=== Section Start ===

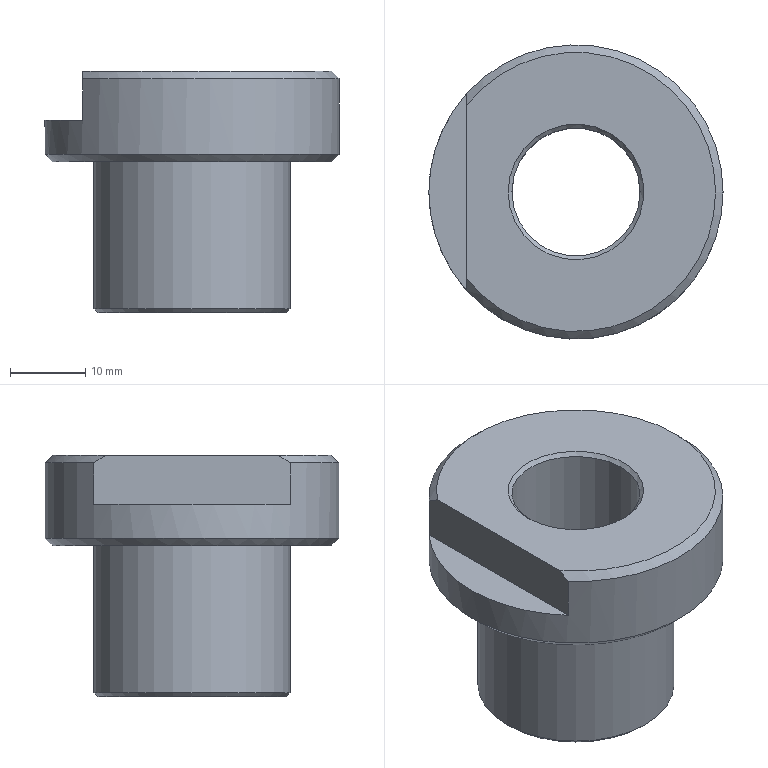Component | NX | DRILL_BUSH_2 | 1 solid | 13 faces | box 39 x 39 x 32 mm | volume 16979 mm3 | plane 5 | cone 5 | cylinder 3 | commonest cylinder face diameters 26 x1 39 x1 17 x1
STEP:
#1=CARTESIAN_POINT('',(0.,0.,0.));
#2=DIRECTION('',(0.,0.,1.));
#3=DIRECTION('',(1.,0.,0.));
#4=AXIS2_PLACEMENT_3D('',#1,#2,#3);
#5=CARTESIAN_POINT('',(99.,0.,190.));
#6=VERTEX_POINT('',#5);
#7=CARTESIAN_POINT('',(90.,0.,190.));
#8=DIRECTION('',(0.,0.,1.));
#9=DIRECTION('',(1.,0.,0.));
#10=AXIS2_PLACEMENT_3D('',#7,#8,#9);
#11=CIRCLE('',#10,9.);
#12=CARTESIAN_POINT('',(90.,0.,190.));
#13=DIRECTION('',(0.,0.,-1.));
#14=DIRECTION('',(1.,0.,0.));
#15=AXIS2_PLACEMENT_3D('',#12,#13,#14);
#16=PLANE('',#15);
#17=CARTESIAN_POINT('',(9.,0.));
#18=CARTESIAN_POINT('',(9.,-15.588));
#19=CARTESIAN_POINT('',(-4.5,-7.794));
#20=CARTESIAN_POINT('',(-18.,-0.));
#21=CARTESIAN_POINT('',(-4.5,7.794));
#22=CARTESIAN_POINT('',(9.,15.588));
#23=CARTESIAN_POINT('',(9.,0.));
#24=(BOUNDED_CURVE()B_SPLINE_CURVE(2,(#17,#18,#19,#20,#21,#22,#23),.UNSPECIFIED.,.T.,.F.)B_SPLINE_CURVE_WITH_KNOTS((1,2,2,2,2,1),(-2.094,0.,2.094,4.189,6.283,8.378),.UNSPECIFIED.)CURVE()GEOMETRIC_REPRESENTATION_ITEM()RATIONAL_B_SPLINE_CURVE((1.,0.5,1.,0.5,1.,0.5,1.))REPRESENTATION_ITEM(''));
#25=(GEOMETRIC_REPRESENTATION_CONTEXT(2)PARAMETRIC_REPRESENTATION_CONTEXT()REPRESENTATION_CONTEXT('',''));
#26=DEFINITIONAL_REPRESENTATION('',(#24),#25);
#27=PCURVE('',#16,#26);
#28=CARTESIAN_POINT('',(90.,0.,190.5));
#29=DIRECTION('',(0.,0.,-1.));
#30=DIRECTION('',(1.,0.,0.));
#31=AXIS2_PLACEMENT_3D('',#28,#29,#30);
#32=CONICAL_SURFACE('',#31,8.5,0.7854);
#33=CARTESIAN_POINT('',(6.283,0.5));
#34=DIRECTION('',(-1.,0.));
#35=VECTOR('',#34,1.);
#36=LINE('',#33,#35);
#37=(GEOMETRIC_REPRESENTATION_CONTEXT(2)PARAMETRIC_REPRESENTATION_CONTEXT()REPRESENTATION_CONTEXT('',''));
#38=DEFINITIONAL_REPRESENTATION('',(#36),#37);
#39=PCURVE('',#32,#38);
#40=SURFACE_CURVE('',#11,(#27,#39),.PCURVE_S1.);
#41=EDGE_CURVE('',#6,#6,#40,.T.);
#42=ORIENTED_EDGE('',*,*,#41,.T.);
#43=EDGE_LOOP('',(#42));
#44=FACE_BOUND('',#43,.T.);
#45=CARTESIAN_POINT('',(102.5,0.,190.));
#46=VERTEX_POINT('',#45);
#47=CARTESIAN_POINT('',(90.,0.,190.));
#48=DIRECTION('',(0.,0.,-1.));
#49=DIRECTION('',(1.,0.,0.));
#50=AXIS2_PLACEMENT_3D('',#47,#48,#49);
#51=CIRCLE('',#50,12.5);
#52=CARTESIAN_POINT('',(0.,0.));
#53=DIRECTION('',(1.,0.));
#54=AXIS2_PLACEMENT_2D('',#52,#53);
#55=CIRCLE('',#54,12.5);
#56=(GEOMETRIC_REPRESENTATION_CONTEXT(2)PARAMETRIC_REPRESENTATION_CONTEXT()REPRESENTATION_CONTEXT('',''));
#57=DEFINITIONAL_REPRESENTATION('',(#55),#56);
#58=PCURVE('',#16,#57);
#59=CARTESIAN_POINT('',(90.,0.,190.5));
#60=DIRECTION('',(0.,0.,1.));
#61=DIRECTION('',(-1.,0.,0.));
#62=AXIS2_PLACEMENT_3D('',#59,#60,#61);
#63=CONICAL_SURFACE('',#62,13.,0.7854);
#64=CARTESIAN_POINT('',(9.425,-0.5));
#65=DIRECTION('',(-1.,0.));
#66=VECTOR('',#65,1.);
#67=LINE('',#64,#66);
#68=(GEOMETRIC_REPRESENTATION_CONTEXT(2)PARAMETRIC_REPRESENTATION_CONTEXT()REPRESENTATION_CONTEXT('',''));
#69=DEFINITIONAL_REPRESENTATION('',(#67),#68);
#70=PCURVE('',#63,#69);
#71=SURFACE_CURVE('',#51,(#58,#70),.PCURVE_S1.);
#72=EDGE_CURVE('',#46,#46,#71,.T.);
#73=ORIENTED_EDGE('',*,*,#72,.T.);
#74=EDGE_LOOP('',(#73));
#75=FACE_BOUND('',#74,.T.);
#76=ADVANCED_FACE('',(#44,#75),#16,.T.);
#77=CARTESIAN_POINT('',(103.,0.,190.5));
#78=VERTEX_POINT('',#77);
#79=CARTESIAN_POINT('',(90.,0.,190.5));
#80=DIRECTION('',(0.,0.,1.));
#81=DIRECTION('',(1.,0.,0.));
#82=AXIS2_PLACEMENT_3D('',#79,#80,#81);
#83=CIRCLE('',#82,13.);
#84=CARTESIAN_POINT('',(90.,0.,190.));
#85=DIRECTION('',(0.,0.,1.));
#86=DIRECTION('',(-1.,0.,0.));
#87=AXIS2_PLACEMENT_3D('',#84,#85,#86);
#88=CYLINDRICAL_SURFACE('',#87,13.);
#89=CARTESIAN_POINT('',(3.142,0.5));
#90=DIRECTION('',(1.,0.));
#91=VECTOR('',#90,1.);
#92=LINE('',#89,#91);
#93=(GEOMETRIC_REPRESENTATION_CONTEXT(2)PARAMETRIC_REPRESENTATION_CONTEXT()REPRESENTATION_CONTEXT('',''));
#94=DEFINITIONAL_REPRESENTATION('',(#92),#93);
#95=PCURVE('',#88,#94);
#96=CARTESIAN_POINT('',(3.142,0.));
#97=DIRECTION('',(1.,0.));
#98=VECTOR('',#97,1.);
#99=LINE('',#96,#98);
#100=(GEOMETRIC_REPRESENTATION_CONTEXT(2)PARAMETRIC_REPRESENTATION_CONTEXT()REPRESENTATION_CONTEXT('',''));
#101=DEFINITIONAL_REPRESENTATION('',(#99),#100);
#102=PCURVE('',#63,#101);
#103=SURFACE_CURVE('',#83,(#95,#102),.PCURVE_S1.);
#104=EDGE_CURVE('',#78,#78,#103,.T.);
#105=ORIENTED_EDGE('',*,*,#104,.T.);
#106=CARTESIAN_POINT('',(103.,0.,210.));
#107=VERTEX_POINT('',#106);
#108=CARTESIAN_POINT('',(103.,0.,190.5));
#109=CARTESIAN_POINT('',(103.,0.,210.));
#110=B_SPLINE_CURVE_WITH_KNOTS('',1,(#108,#109),.UNSPECIFIED.,.F.,.F.,(2,2),(0.5,20.),.PIECEWISE_BEZIER_KNOTS.);
#111=CARTESIAN_POINT('',(9.425,0.));
#112=DIRECTION('',(0.,1.));
#113=VECTOR('',#112,1.);
#114=LINE('',#111,#113);
#115=(GEOMETRIC_REPRESENTATION_CONTEXT(2)PARAMETRIC_REPRESENTATION_CONTEXT()REPRESENTATION_CONTEXT('',''));
#116=DEFINITIONAL_REPRESENTATION('',(#114),#115);
#117=PCURVE('',#88,#116);
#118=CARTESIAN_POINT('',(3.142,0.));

=== Section End ===

_The task_: Repeat, exactly as they stand above, the lines from the line with "#32=CONICAL_SURFACE('',#31,8.5,0.7854);" to the line with "#48=DIRECTION('',(0.,0.,-1.));", both lines included.

_Reply_:
#32=CONICAL_SURFACE('',#31,8.5,0.7854);
#33=CARTESIAN_POINT('',(6.283,0.5));
#34=DIRECTION('',(-1.,0.));
#35=VECTOR('',#34,1.);
#36=LINE('',#33,#35);
#37=(GEOMETRIC_REPRESENTATION_CONTEXT(2)PARAMETRIC_REPRESENTATION_CONTEXT()REPRESENTATION_CONTEXT('',''));
#38=DEFINITIONAL_REPRESENTATION('',(#36),#37);
#39=PCURVE('',#32,#38);
#40=SURFACE_CURVE('',#11,(#27,#39),.PCURVE_S1.);
#41=EDGE_CURVE('',#6,#6,#40,.T.);
#42=ORIENTED_EDGE('',*,*,#41,.T.);
#43=EDGE_LOOP('',(#42));
#44=FACE_BOUND('',#43,.T.);
#45=CARTESIAN_POINT('',(102.5,0.,190.));
#46=VERTEX_POINT('',#45);
#47=CARTESIAN_POINT('',(90.,0.,190.));
#48=DIRECTION('',(0.,0.,-1.));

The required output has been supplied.